◆ ABOUT THIS TASK ◆
Every entry below should be reproduced exactly, with all pictures left out.

Dataset entries
——
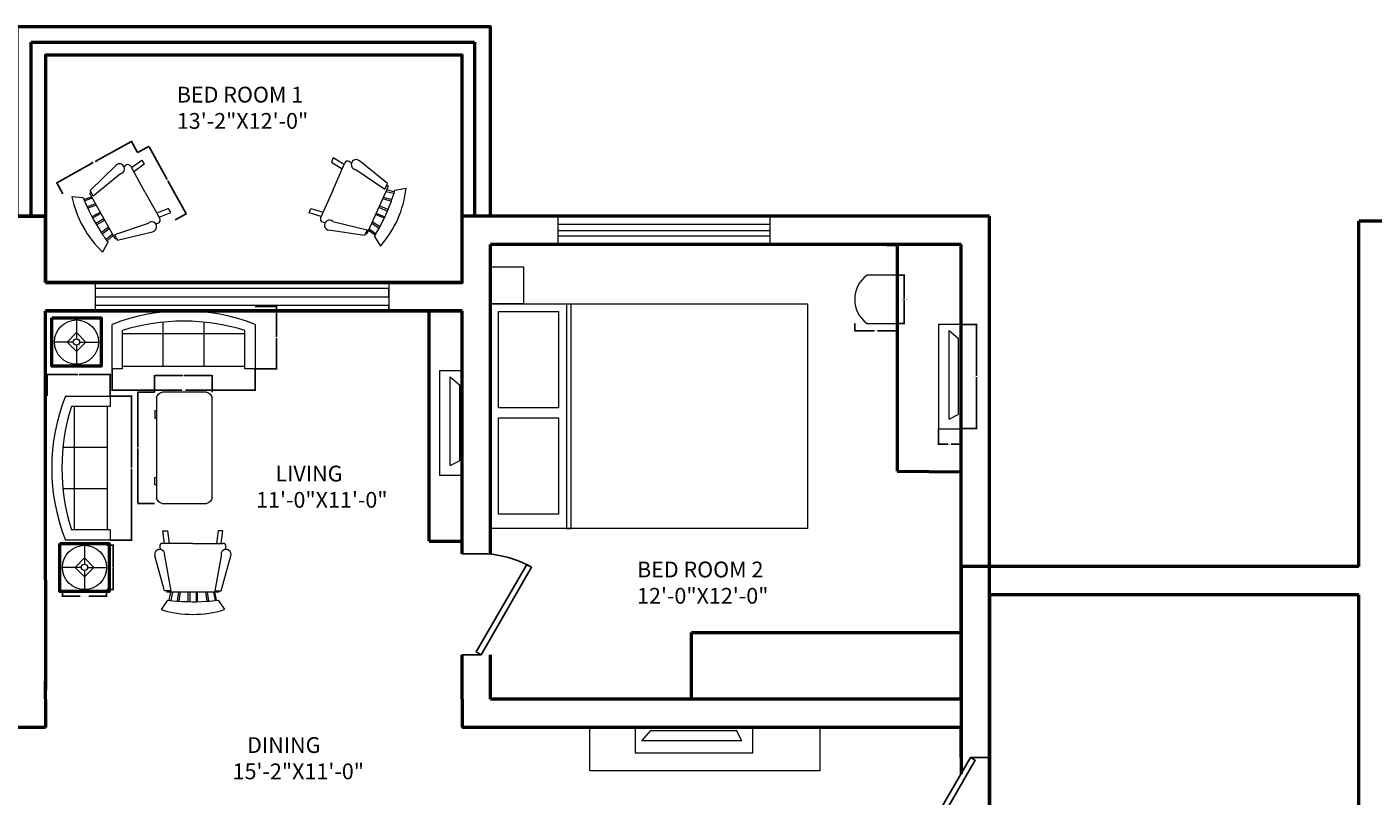
# Model space of a CAD drawing. Units: inches. Extents: x -105 to 1531, y -656 to 2003.
# Tile 5 of 6: x 553 to 979, y 856 to 1100. Entities that reach past the tile are written whole.
import ezdxf

# ---------------------------------------------------------------- set-up
doc = ezdxf.new("R2010")
doc.units = ezdxf.units.IN
doc.header["$MEASUREMENT"] = 0
for name, color, linetype, lineweight in [('A-ANNO-DIMS', 2, 'Continuous', 18), ('A-AREA-IDEN', 7, 'Continuous', 25), ('A-DOOR', 3, 'Continuous', 25), ('A-FURN', 8, 'Continuous', 18), ('A-GLAZ', 4, 'Continuous', 18), ('A-WALL', 7, 'Continuous', 50)]:
    doc.layers.add(name, color=color, linetype=linetype, lineweight=lineweight)
doc.styles.get("Standard").update_dxf_attribs({"font": 'arial.ttf'})
doc.dimstyles.get("Standard").update_dxf_attribs({"dimtxt": 0.18, "dimasz": 0.18, "dimexe": 0.18, "dimexo": 0.0625, "dimgap": 0.09, "dimtad": 0, "dimtih": 1, "dimtoh": 1, "dimdec": 0, "dimzin": 0, "dimdsep": 46, "dimlunit": 3, "dimtxsty": 'Standard', "dimcen": 0.09, "dimadec": 0, "dimazin": 0, "dimtfac": 1, "dimtdec": 0, "dimtofl": 0, "dimtmove": 0, "dimatfit": 3, "dimfxl": 1, "dimtolj": 1, "dimtzin": 0, "dimarcsym": 0})

# ---------------------------------------------------------------- blocks, each defined once
blk = doc.blocks.new('*U9')
for p, q in [((-32, 0), (-32, -6)), ((0, 0), (0, -6))]:
    blk.add_line(p, q)
blk.add_lwpolyline([(0, 0), (-27.71, 16), (-28.59, 14.48), (-0.88, -1.52)], close=True)
blk.add_arc((0, 0), 32, 150, 180)
blk = doc.blocks.new('Chair - Rocking')
for p, q in [((-8, -4.5), (-10, -1.5)), ((-4.5, -7), (-4.96674, -4.19951)), ((-4, -7), (-4.40532, -4.16272)), ((-1.5, -4.05012), (-1.5, -7)), ((-1, -7), (-1, -4.05012)), ((1, -7), (1, -4.04655)), ((1.5, -4.05012), (1.5, -7)), ((4, -7), (4.40187, -4.18694)), ((4.5, -7), (4.96761, -4.19437)), ((8, -4.5), (10, -1.5)), ((-9, -7.5), (-12, -18.49999)), ((-7, -7.5), (-9, -7.5)), ((-9, -18.49999), (-7, -7.5)), ((-8.23428, -6.99939), (-8.3093, -7.47958)), ((-8.23041, -7), (8.23915, -7)), ((-7.5, -4.5), (-7, -7)), ((-6.5, -7), (-7.02225, -4.43)), ((6.5, -7), (7, -4.4057)), ((7.5, -4.5), (7, -7)), ((7, -7.5), (9, -7.5)), ((9, -18.49999), (7, -7.5)), ((8.31071, -7.48854), (8.23449, -7.00073)), ((9, -7.5), (12, -18.49999)), ((-10.36644, -20.64523), (-10.5, -21.49999)), ((10.5, -21.49999), (10.3575, -20.58798)), ((-9, -22.49999), (-9.5, -26.49999)), ((0, -22.49999), (-9.5, -22.49999)), ((-8, -26.49999), (-7.5, -22.49999)), ((0, -22.49999), (9.5, -22.49999)), ((8, -26.49999), (7.5, -22.49999)), ((9, -22.49999), (9.5, -26.49999)), ((-9.5, -26.49999), (-8, -26.49999)), ((9.5, -26.49999), (8, -26.49999))]:
    blk.add_line(p, q)
for centre, radius, start, end in [((0, -34.08333), 34.08333, 72.93847, 107.0615), ((0, -68.25004), 64.25, 93.92211, 97.15267), ((0, -68.25004), 64.25, 82.84733, 93.92211), ((-10.5, -18.99999), 1.58114, 161.5651, 18.43495), ((10.5, -18.99999), 1.58114, 161.5651, 18.43495), ((-9.5, -21.49999), 1, 180, 270), ((9.5, -21.49999), 1, 270, 0)]:
    blk.add_arc(centre, radius, start, end)
blk = doc.blocks.new('Sofa - Roundback 7 ft.')
for p, q in [((-12.00002, -32.4421), (-12.00003, -6.5971)), ((11.99997, -32.4421), (11.99998, -6.5971)), ((-36.000027, -34), (-36.000027, -11.4696)), ((-35.999844, -13.3819), (35.9998, -13.3819)), ((35.99998, -34), (35.99998, -11.4696)), ((-36.000027, -32.4421), (35.99998, -32.4421))]:
    blk.add_line(p, q)
for points in [[(-36.000027, -34), (-42.000027, -34), (-42.000027, -8)], [(41.99998, -8), (41.99998, -34), (35.99998, -34)]]:
    blk.add_lwpolyline(points)
for centre, radius, start, end in [((0, -114.25), 114.25, 68.43141, 111.5686), ((-0.00001, -127.1968), 121.1968, 72.72033, 107.2797)]:
    blk.add_arc(centre, radius, start, end)
blk = doc.blocks.new('Desk - 30 x 60 in.')
for p, q in [((-26.999995, 0), (26.999995, 0)), ((-29.999995, -27), (-29.999995, -3)), ((29.999995, -3), (29.999995, -27)), ((26.999995, -30), (-26.999995, -30)), ((-20.000005, -30), (-20.000005, -31)), ((-20.000005, -31), (-16.000005, -31)), ((-16.000005, -31), (-16.000005, -30)), ((15.999995, -31), (15.999995, -30)), ((19.999995, -31), (15.999995, -31)), ((19.999995, -30), (19.999995, -31))]:
    blk.add_line(p, q)
for centre, start, end in [((-26.499995, -3.5), 98.1301, 171.8699), ((26.499995, -3.5), 8.130102, 81.8699), ((-26.499995, -26.5), 188.1301, 261.8699), ((26.499995, -26.5), 278.1301, 351.8699)]:
    blk.add_arc(centre, 3.535534, start, end)
blk = doc.blocks.new('Lamp - Table')
for p, q in [((0, 7), (0, 1)), ((-1, 0), (-7, 0)), ((0, 3), (-3, 0)), ((-3, 0), (0, -3)), ((3, 0), (0, 3)), ((0, -3), (3, 0)), ((1, 0), (7, 0)), ((0, -1), (0, -7))]:
    blk.add_line(p, q)
for radius in [7, 1]:
    blk.add_circle((0, 0), radius)
blk = doc.blocks.new('*U11')
for p, q in [((0, 0), (0, 6)), ((32, 0), (32, 6))]:
    blk.add_line(p, q)
blk.add_lwpolyline([(0, 0), (27.71, -16), (28.59, -14.48), (0.88, 1.52)], close=True)
blk.add_arc((0, 0), 32, 330, 0)
blk = doc.blocks.new('FURN-SIDE-TABLE')
for p, q in [((13.4, 15.25), (3.8, 15.25)), ((13.4, 0), (13.4, 15.25)), ((3.8, 0), (13.4, 0))]:
    blk.add_line(p, q)
blk.add_arc((9.55, 7.62), 9.55, 127.0288, 232.9712)
blk = doc.blocks.new('FURN-WALL-UNIT')
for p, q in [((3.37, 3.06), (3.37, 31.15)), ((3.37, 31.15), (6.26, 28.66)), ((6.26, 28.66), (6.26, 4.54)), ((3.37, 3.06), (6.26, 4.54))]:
——
◆ WRITTEN ANSWER ◆
# Model space of a CAD drawing. Units: inches. Extents: x -105 to 1531, y -656 to 2003.
# Tile 5 of 6: x 553 to 979, y 856 to 1100. Entities that reach past the tile are written whole.
import ezdxf

# ---------------------------------------------------------------- set-up
doc = ezdxf.new("R2010")
doc.units = ezdxf.units.IN
doc.header["$MEASUREMENT"] = 0
for name, color, linetype, lineweight in [('A-ANNO-DIMS', 2, 'Continuous', 18), ('A-AREA-IDEN', 7, 'Continuous', 25), ('A-DOOR', 3, 'Continuous', 25), ('A-FURN', 8, 'Continuous', 18), ('A-GLAZ', 4, 'Continuous', 18), ('A-WALL', 7, 'Continuous', 50)]:
    doc.layers.add(name, color=color, linetype=linetype, lineweight=lineweight)
doc.styles.get("Standard").update_dxf_attribs({"font": 'arial.ttf'})
doc.dimstyles.get("Standard").update_dxf_attribs({"dimtxt": 0.18, "dimasz": 0.18, "dimexe": 0.18, "dimexo": 0.0625, "dimgap": 0.09, "dimtad": 0, "dimtih": 1, "dimtoh": 1, "dimdec": 0, "dimzin": 0, "dimdsep": 46, "dimlunit": 3, "dimtxsty": 'Standard', "dimcen": 0.09, "dimadec": 0, "dimazin": 0, "dimtfac": 1, "dimtdec": 0, "dimtofl": 0, "dimtmove": 0, "dimatfit": 3, "dimfxl": 1, "dimtolj": 1, "dimtzin": 0, "dimarcsym": 0})

# ---------------------------------------------------------------- blocks, each defined once
blk = doc.blocks.new('*U9')
for p, q in [((-32, 0), (-32, -6)), ((0, 0), (0, -6))]:
    blk.add_line(p, q)
blk.add_lwpolyline([(0, 0), (-27.71, 16), (-28.59, 14.48), (-0.88, -1.52)], close=True)
blk.add_arc((0, 0), 32, 150, 180)
blk = doc.blocks.new('Chair - Rocking')
for p, q in [((-8, -4.5), (-10, -1.5)), ((-4.5, -7), (-4.96674, -4.19951)), ((-4, -7), (-4.40532, -4.16272)), ((-1.5, -4.05012), (-1.5, -7)), ((-1, -7), (-1, -4.05012)), ((1, -7), (1, -4.04655)), ((1.5, -4.05012), (1.5, -7)), ((4, -7), (4.40187, -4.18694)), ((4.5, -7), (4.96761, -4.19437)), ((8, -4.5), (10, -1.5)), ((-9, -7.5), (-12, -18.49999)), ((-7, -7.5), (-9, -7.5)), ((-9, -18.49999), (-7, -7.5)), ((-8.23428, -6.99939), (-8.3093, -7.47958)), ((-8.23041, -7), (8.23915, -7)), ((-7.5, -4.5), (-7, -7)), ((-6.5, -7), (-7.02225, -4.43)), ((6.5, -7), (7, -4.4057)), ((7.5, -4.5), (7, -7)), ((7, -7.5), (9, -7.5)), ((9, -18.49999), (7, -7.5)), ((8.31071, -7.48854), (8.23449, -7.00073)), ((9, -7.5), (12, -18.49999)), ((-10.36644, -20.64523), (-10.5, -21.49999)), ((10.5, -21.49999), (10.3575, -20.58798)), ((-9, -22.49999), (-9.5, -26.49999)), ((0, -22.49999), (-9.5, -22.49999)), ((-8, -26.49999), (-7.5, -22.49999)), ((0, -22.49999), (9.5, -22.49999)), ((8, -26.49999), (7.5, -22.49999)), ((9, -22.49999), (9.5, -26.49999)), ((-9.5, -26.49999), (-8, -26.49999)), ((9.5, -26.49999), (8, -26.49999))]:
    blk.add_line(p, q)
for centre, radius, start, end in [((0, -34.08333), 34.08333, 72.93847, 107.0615), ((0, -68.25004), 64.25, 93.92211, 97.15267), ((0, -68.25004), 64.25, 82.84733, 93.92211), ((-10.5, -18.99999), 1.58114, 161.5651, 18.43495), ((10.5, -18.99999), 1.58114, 161.5651, 18.43495), ((-9.5, -21.49999), 1, 180, 270), ((9.5, -21.49999), 1, 270, 0)]:
    blk.add_arc(centre, radius, start, end)
blk = doc.blocks.new('Sofa - Roundback 7 ft.')
for p, q in [((-12.00002, -32.4421), (-12.00003, -6.5971)), ((11.99997, -32.4421), (11.99998, -6.5971)), ((-36.000027, -34), (-36.000027, -11.4696)), ((-35.999844, -13.3819), (35.9998, -13.3819)), ((35.99998, -34), (35.99998, -11.4696)), ((-36.000027, -32.4421), (35.99998, -32.4421))]:
    blk.add_line(p, q)
for points in [[(-36.000027, -34), (-42.000027, -34), (-42.000027, -8)], [(41.99998, -8), (41.99998, -34), (35.99998, -34)]]:
    blk.add_lwpolyline(points)
for centre, radius, start, end in [((0, -114.25), 114.25, 68.43141, 111.5686), ((-0.00001, -127.1968), 121.1968, 72.72033, 107.2797)]:
    blk.add_arc(centre, radius, start, end)
blk = doc.blocks.new('Desk - 30 x 60 in.')
for p, q in [((-26.999995, 0), (26.999995, 0)), ((-29.999995, -27), (-29.999995, -3)), ((29.999995, -3), (29.999995, -27)), ((26.999995, -30), (-26.999995, -30)), ((-20.000005, -30), (-20.000005, -31)), ((-20.000005, -31), (-16.000005, -31)), ((-16.000005, -31), (-16.000005, -30)), ((15.999995, -31), (15.999995, -30)), ((19.999995, -31), (15.999995, -31)), ((19.999995, -30), (19.999995, -31))]:
    blk.add_line(p, q)
for centre, start, end in [((-26.499995, -3.5), 98.1301, 171.8699), ((26.499995, -3.5), 8.130102, 81.8699), ((-26.499995, -26.5), 188.1301, 261.8699), ((26.499995, -26.5), 278.1301, 351.8699)]:
    blk.add_arc(centre, 3.535534, start, end)
blk = doc.blocks.new('Lamp - Table')
for p, q in [((0, 7), (0, 1)), ((-1, 0), (-7, 0)), ((0, 3), (-3, 0)), ((-3, 0), (0, -3)), ((3, 0), (0, 3)), ((0, -3), (3, 0)), ((1, 0), (7, 0)), ((0, -1), (0, -7))]:
    blk.add_line(p, q)
for radius in [7, 1]:
    blk.add_circle((0, 0), radius)
blk = doc.blocks.new('*U11')
for p, q in [((0, 0), (0, 6)), ((32, 0), (32, 6))]:
    blk.add_line(p, q)
blk.add_lwpolyline([(0, 0), (27.71, -16), (28.59, -14.48), (0.88, 1.52)], close=True)
blk.add_arc((0, 0), 32, 330, 0)
blk = doc.blocks.new('FURN-SIDE-TABLE')
for p, q in [((13.4, 15.25), (3.8, 15.25)), ((13.4, 0), (13.4, 15.25)), ((3.8, 0), (13.4, 0))]:
    blk.add_line(p, q)
blk.add_arc((9.55, 7.62), 9.55, 127.0288, 232.9712)
blk = doc.blocks.new('FURN-WALL-UNIT')
for p, q in [((3.37, 3.06), (3.37, 31.15)), ((3.37, 31.15), (6.26, 28.66)), ((6.26, 28.66), (6.26, 4.54)), ((3.37, 3.06), (6.26, 4.54))]:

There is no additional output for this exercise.